(Materials provided)

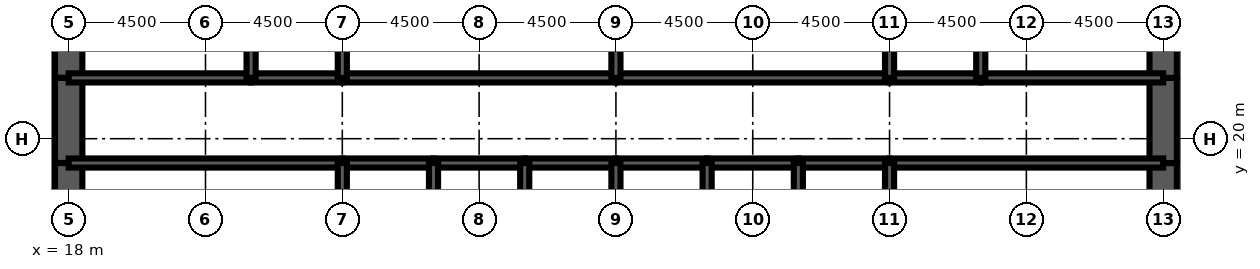
"""IFC4 building model, lengths in metres.
Left out: names, types, materials, properties, quantities, classifications, styles, units other than length and angle.
Written with IfcOpenShell. Run it as: python <this file> out.ifc"""

import sys

from ifc_helpers import new_model, si_unit, direction, frame, frame_2d, origin, place, context, subcontext, project, spatial, rectangle, extrude, element, fill, save


model = new_model("IFC4")
c1 = context("Model", 3, precision=1e-05, world=origin(), true_north=direction((0.0, 1.0)))
c2 = subcontext(c1, "Body", "Model", "MODEL_VIEW")
j1 = project(units=[si_unit("LENGTHUNIT", "METRE"), si_unit("PLANEANGLEUNIT", "RADIAN")], contexts=[c1])
p1 = place(None, origin())
s1 = spatial("IfcSite", under=j1, at=p1, CompositionType="ELEMENT")
p2 = place(p1, origin())
s2 = spatial("IfcBuilding", under=s1, at=p2, CompositionType="ELEMENT")
p3 = place(p2, frame((0.0, 0.0, 27.5)))
s3 = spatial("IfcBuildingStorey", under=s2, at=p3, CompositionType="ELEMENT", Elevation=27.5)
p4 = place(p3, frame((18.0, 26.0, 0.0), z_axis=(0.0, 0.0, 1.0), x_axis=(0.0, -1.0, 0.0)))
e1 = element("IfcWall", 1, at=p4, inside=s3, PredefinedType="SHEAR", context=c2, shape_type="SweptSolid", body=[
    extrude(rectangle(XDim=4.0, YDim=0.9, at=frame_2d((2.0, 0.0))), origin(), (0.0, 0.0, 1.0), 4.5),
])
p5 = place(p3, frame((18.0, 22.0, 0.0), z_axis=(0.0, 0.0, 1.0), x_axis=(0.0, -1.0, 0.0)))
e2 = element("IfcWall", 2, at=p5, inside=s3, PredefinedType="SHEAR", context=c2, shape_type="SweptSolid", body=[
    extrude(rectangle(XDim=2.8, YDim=0.9, at=frame_2d((1.4, 0.0))), origin(), (0.0, 0.0, 1.0), 4.5),
])
p6 = place(p5, frame((0.6, 0.0, 0.0)))
e3 = element("IfcOpeningElement", 3, at=p6, cuts=e2, PredefinedType="OPENING", context=c2, shape_type="SweptSolid", body=[
    extrude(rectangle(XDim=1.8, YDim=2.1, at=frame_2d((0.9, 1.05))), frame((0.0, 0.46, 0.0), z_axis=(0.0, -1.0, 0.0), x_axis=(1.0, 0.0, 0.0)), (0.0, 0.0, 1.0), 0.92),
])
for number, where, z_axis, x_axis in (
    (4, (18.0, 19.2, 0.0), (0.0, 0.0, 1.0), (0.0, -1.0, 0.0)),
    (5, (54.0, 16.0, 0.0), (0.0, 0.0, 1.0), (0.0, 1.0, 0.0)),
):
    element("IfcWall", number, at=place(p3, frame(where, z_axis=z_axis, x_axis=x_axis)), inside=s3, PredefinedType="SHEAR", context=c2, shape_type="SweptSolid", body=[
        extrude(rectangle(XDim=3.2, YDim=0.9, at=frame_2d((1.6, 0.0))), origin(), (0.0, 0.0, 1.0), 4.5),
    ])
p7 = place(p3, frame((54.0, 19.2, 0.0), z_axis=(0.0, 0.0, 1.0), x_axis=(0.0, 1.0, 0.0)))
e6 = element("IfcWall", 6, at=p7, inside=s3, PredefinedType="SHEAR", context=c2, shape_type="SweptSolid", body=[
    extrude(rectangle(XDim=2.8, YDim=0.9, at=frame_2d((1.4, 0.0))), origin(), (0.0, 0.0, 1.0), 4.5),
])
p8 = place(p7, frame((0.4, 0.0, 0.0)))
e7 = element("IfcOpeningElement", 7, at=p8, cuts=e6, PredefinedType="OPENING", context=c2, shape_type="SweptSolid", body=[
    extrude(rectangle(XDim=1.8, YDim=2.1, at=frame_2d((0.9, 1.05))), frame((0.0, 0.46, 0.0), z_axis=(0.0, -1.0, 0.0), x_axis=(1.0, 0.0, 0.0)), (0.0, 0.0, 1.0), 0.92),
])
p9 = place(p3, frame((54.0, 22.0, 0.0), z_axis=(0.0, 0.0, 1.0), x_axis=(0.0, 1.0, 0.0)))
e8 = element("IfcWall", 8, at=p9, inside=s3, PredefinedType="SHEAR", context=c2, shape_type="SweptSolid", body=[
    extrude(rectangle(XDim=4.0, YDim=0.9, at=frame_2d((2.0, 0.0))), origin(), (0.0, 0.0, 1.0), 4.5),
])
p10 = place(p3, frame((18.0, 19.2, 0.0), z_axis=(0.0, 0.0, 1.0), x_axis=(1.0, 0.0, 0.0)))
e9 = element("IfcWall", 9, at=p10, inside=s3, PredefinedType="SOLIDWALL", context=c2, shape_type="SweptSolid", body=[
    extrude(rectangle(XDim=9.0, YDim=0.3, at=frame_2d((4.5, 0.0))), origin(), (0.0, 0.0, 1.0), 4.5),
])
p11 = place(p10, frame((0.65, 0.0, 0.0)))
e10 = element("IfcOpeningElement", 10, at=p11, cuts=e9, PredefinedType="OPENING", context=c2, shape_type="SweptSolid", body=[
    extrude(rectangle(XDim=1.0, YDim=2.1, at=frame_2d((0.5, 1.05))), frame((0.0, 0.16, 0.0), z_axis=(0.0, -1.0, 0.0), x_axis=(1.0, 0.0, 0.0)), (0.0, 0.0, 1.0), 0.32),
])
p12 = place(p3, frame((27.0, 19.2, 0.0), z_axis=(0.0, 0.0, 1.0), x_axis=(1.0, 0.0, 0.0)))
e11 = element("IfcWall", 11, at=p12, inside=s3, PredefinedType="SOLIDWALL", context=c2, shape_type="SweptSolid", body=[
    extrude(rectangle(XDim=3.0, YDim=0.3, at=frame_2d((1.5, 0.0))), origin(), (0.0, 0.0, 1.0), 4.5),
])
p13 = place(p12, frame((0.95, 0.0, 0.0)))
e12 = element("IfcOpeningElement", 12, at=p13, cuts=e11, PredefinedType="OPENING", context=c2, shape_type="SweptSolid", body=[
    extrude(rectangle(XDim=1.1, YDim=2.2, at=frame_2d((0.55, 1.1))), frame((0.0, 0.16, 0.0), z_axis=(0.0, -1.0, 0.0), x_axis=(1.0, 0.0, 0.0)), (0.0, 0.0, 1.0), 0.32),
])
p14 = place(p3, frame((30.0, 19.2, 0.0), z_axis=(0.0, 0.0, 1.0), x_axis=(1.0, 0.0, 0.0)))
e13 = element("IfcWall", 13, at=p14, inside=s3, PredefinedType="SOLIDWALL", context=c2, shape_type="SweptSolid", body=[
    extrude(rectangle(XDim=3.0, YDim=0.3, at=frame_2d((1.5, 0.0))), origin(), (0.0, 0.0, 1.0), 4.5),
])
p15 = place(p14, frame((0.95, 0.0, 0.0)))
e14 = element("IfcOpeningElement", 14, at=p15, cuts=e13, PredefinedType="OPENING", context=c2, shape_type="SweptSolid", body=[
    extrude(rectangle(XDim=1.1, YDim=2.2, at=frame_2d((0.55, 1.1))), frame((0.0, 0.16, 0.0), z_axis=(0.0, -1.0, 0.0), x_axis=(1.0, 0.0, 0.0)), (0.0, 0.0, 1.0), 0.32),
])
p16 = place(p3, frame((33.0, 19.2, 0.0), z_axis=(0.0, 0.0, 1.0), x_axis=(1.0, 0.0, 0.0)))
e15 = element("IfcWall", 15, at=p16, inside=s3, PredefinedType="SOLIDWALL", context=c2, shape_type="SweptSolid", body=[
    extrude(rectangle(XDim=3.0, YDim=0.3, at=frame_2d((1.5, 0.0))), origin(), (0.0, 0.0, 1.0), 4.5),
])
p17 = place(p16, frame((0.95, 0.0, 0.0)))
e16 = element("IfcOpeningElement", 16, at=p17, cuts=e15, PredefinedType="OPENING", context=c2, shape_type="SweptSolid", body=[
    extrude(rectangle(XDim=1.1, YDim=2.2, at=frame_2d((0.55, 1.1))), frame((0.0, 0.16, 0.0), z_axis=(0.0, -1.0, 0.0), x_axis=(1.0, 0.0, 0.0)), (0.0, 0.0, 1.0), 0.32),
])
p18 = place(p3, frame((36.0, 19.2, 0.0), z_axis=(0.0, 0.0, 1.0), x_axis=(1.0, 0.0, 0.0)))
e17 = element("IfcWall", 17, at=p18, inside=s3, PredefinedType="SOLIDWALL", context=c2, shape_type="SweptSolid", body=[
    extrude(rectangle(XDim=3.0, YDim=0.3, at=frame_2d((1.5, 0.0))), origin(), (0.0, 0.0, 1.0), 4.5),
])
p19 = place(p18, frame((0.95, 0.0, 0.0)))
e18 = element("IfcOpeningElement", 18, at=p19, cuts=e17, PredefinedType="OPENING", context=c2, shape_type="SweptSolid", body=[
    extrude(rectangle(XDim=1.1, YDim=2.2, at=frame_2d((0.55, 1.1))), frame((0.0, 0.16, 0.0), z_axis=(0.0, -1.0, 0.0), x_axis=(1.0, 0.0, 0.0)), (0.0, 0.0, 1.0), 0.32),
])
for number, where, z_axis, x_axis in (
    (19, (39.0, 19.2, 0.0), (0.0, 0.0, 1.0), (1.0, 0.0, 0.0)),
    (20, (42.0, 19.2, 0.0), (0.0, 0.0, 1.0), (1.0, 0.0, 0.0)),
):
    element("IfcWall", number, at=place(p3, frame(where, z_axis=z_axis, x_axis=x_axis)), inside=s3, PredefinedType="SOLIDWALL", context=c2, shape_type="SweptSolid", body=[
        extrude(rectangle(XDim=3.0, YDim=0.3, at=frame_2d((1.5, 0.0))), origin(), (0.0, 0.0, 1.0), 4.5),
    ])
p20 = place(p3, frame((45.0, 19.2, 0.0), z_axis=(0.0, 0.0, 1.0), x_axis=(1.0, 0.0, 0.0)))
e21 = element("IfcWall", 21, at=p20, inside=s3, PredefinedType="SOLIDWALL", context=c2, shape_type="SweptSolid", body=[
    extrude(rectangle(XDim=9.0, YDim=0.3, at=frame_2d((4.5, 0.0))), origin(), (0.0, 0.0, 1.0), 4.5),
])
p21 = place(p20, frame((7.35, 0.0, 0.0)))
e22 = element("IfcOpeningElement", 22, at=p21, cuts=e21, PredefinedType="OPENING", context=c2, shape_type="SweptSolid", body=[
    extrude(rectangle(XDim=1.0, YDim=2.1, at=frame_2d((0.5, 1.05))), frame((0.0, 0.16, 0.0), z_axis=(0.0, -1.0, 0.0), x_axis=(1.0, 0.0, 0.0)), (0.0, 0.0, 1.0), 0.32),
])
p22 = place(p3, frame((18.0, 22.0, 0.0), z_axis=(0.0, 0.0, 1.0), x_axis=(1.0, 0.0, 0.0)))
e23 = element("IfcWall", 23, at=p22, inside=s3, PredefinedType="SOLIDWALL", context=c2, shape_type="SweptSolid", body=[
    extrude(rectangle(XDim=6.0, YDim=0.3, at=frame_2d((3.0, 0.0))), origin(), (0.0, 0.0, 1.0), 4.5),
])
p23 = place(p22, frame((4.4, 0.0, 0.0)))
e24 = element("IfcOpeningElement", 24, at=p23, cuts=e23, PredefinedType="OPENING", context=c2, shape_type="SweptSolid", body=[
    extrude(rectangle(XDim=1.0, YDim=2.1, at=frame_2d((0.5, 1.05))), frame((0.0, 0.16, 0.0), z_axis=(0.0, -1.0, 0.0), x_axis=(1.0, 0.0, 0.0)), (0.0, 0.0, 1.0), 0.32),
])
p24 = place(p22, frame((0.85, 0.0, 0.0)))
e25 = element("IfcOpeningElement", 25, at=p24, cuts=e23, PredefinedType="OPENING", context=c2, shape_type="SweptSolid", body=[
    extrude(rectangle(XDim=1.0, YDim=2.1, at=frame_2d((0.5, 1.05))), frame((0.0, 0.16, 0.0), z_axis=(0.0, -1.0, 0.0), x_axis=(1.0, 0.0, 0.0)), (0.0, 0.0, 1.0), 0.32),
])
p25 = place(p3, frame((24.0, 22.0, 0.0), z_axis=(0.0, 0.0, 1.0), x_axis=(1.0, 0.0, 0.0)))
e26 = element("IfcWall", 26, at=p25, inside=s3, PredefinedType="SOLIDWALL", context=c2, shape_type="SweptSolid", body=[
    extrude(rectangle(XDim=3.0, YDim=0.3, at=frame_2d((1.5, 0.0))), origin(), (0.0, 0.0, 1.0), 4.5),
])
p26 = place(p25, frame((1.0, 0.0, 0.0)))
e27 = element("IfcOpeningElement", 27, at=p26, cuts=e26, PredefinedType="OPENING", context=c2, shape_type="SweptSolid", body=[
    extrude(rectangle(XDim=1.0, YDim=2.1, at=frame_2d((0.5, 1.05))), frame((0.0, 0.16, 0.0), z_axis=(0.0, -1.0, 0.0), x_axis=(1.0, 0.0, 0.0)), (0.0, 0.0, 1.0), 0.32),
])
p27 = place(p3, frame((27.0, 22.0, 0.0), z_axis=(0.0, 0.0, 1.0), x_axis=(1.0, 0.0, 0.0)))
e28 = element("IfcWall", 28, at=p27, inside=s3, PredefinedType="SOLIDWALL", context=c2, shape_type="SweptSolid", body=[
    extrude(rectangle(XDim=9.0, YDim=0.3, at=frame_2d((4.5, 0.0))), origin(), (0.0, 0.0, 1.0), 4.5),
])
p28 = place(p27, frame((4.0, 0.0, 0.0)))
e29 = element("IfcOpeningElement", 29, at=p28, cuts=e28, PredefinedType="OPENING", context=c2, shape_type="SweptSolid", body=[
    extrude(rectangle(XDim=1.0, YDim=2.1, at=frame_2d((0.5, 1.05))), frame((0.0, 0.16, 0.0), z_axis=(0.0, -1.0, 0.0), x_axis=(1.0, 0.0, 0.0)), (0.0, 0.0, 1.0), 0.32),
])
p29 = place(p3, frame((36.0, 22.0, 0.0), z_axis=(0.0, 0.0, 1.0), x_axis=(1.0, 0.0, 0.0)))
e30 = element("IfcWall", 30, at=p29, inside=s3, PredefinedType="SOLIDWALL", context=c2, shape_type="SweptSolid", body=[
    extrude(rectangle(XDim=9.0, YDim=0.3, at=frame_2d((4.5, 0.0))), origin(), (0.0, 0.0, 1.0), 4.5),
])
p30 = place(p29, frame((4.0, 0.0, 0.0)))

(End Materials provided)

What is expected: Please list every line of the records that contains "under".

Result below:
s1 = spatial("IfcSite", under=j1, at=p1, CompositionType="ELEMENT")
s2 = spatial("IfcBuilding", under=s1, at=p2, CompositionType="ELEMENT")
s3 = spatial("IfcBuildingStorey", under=s2, at=p3, CompositionType="ELEMENT", Elevation=27.5)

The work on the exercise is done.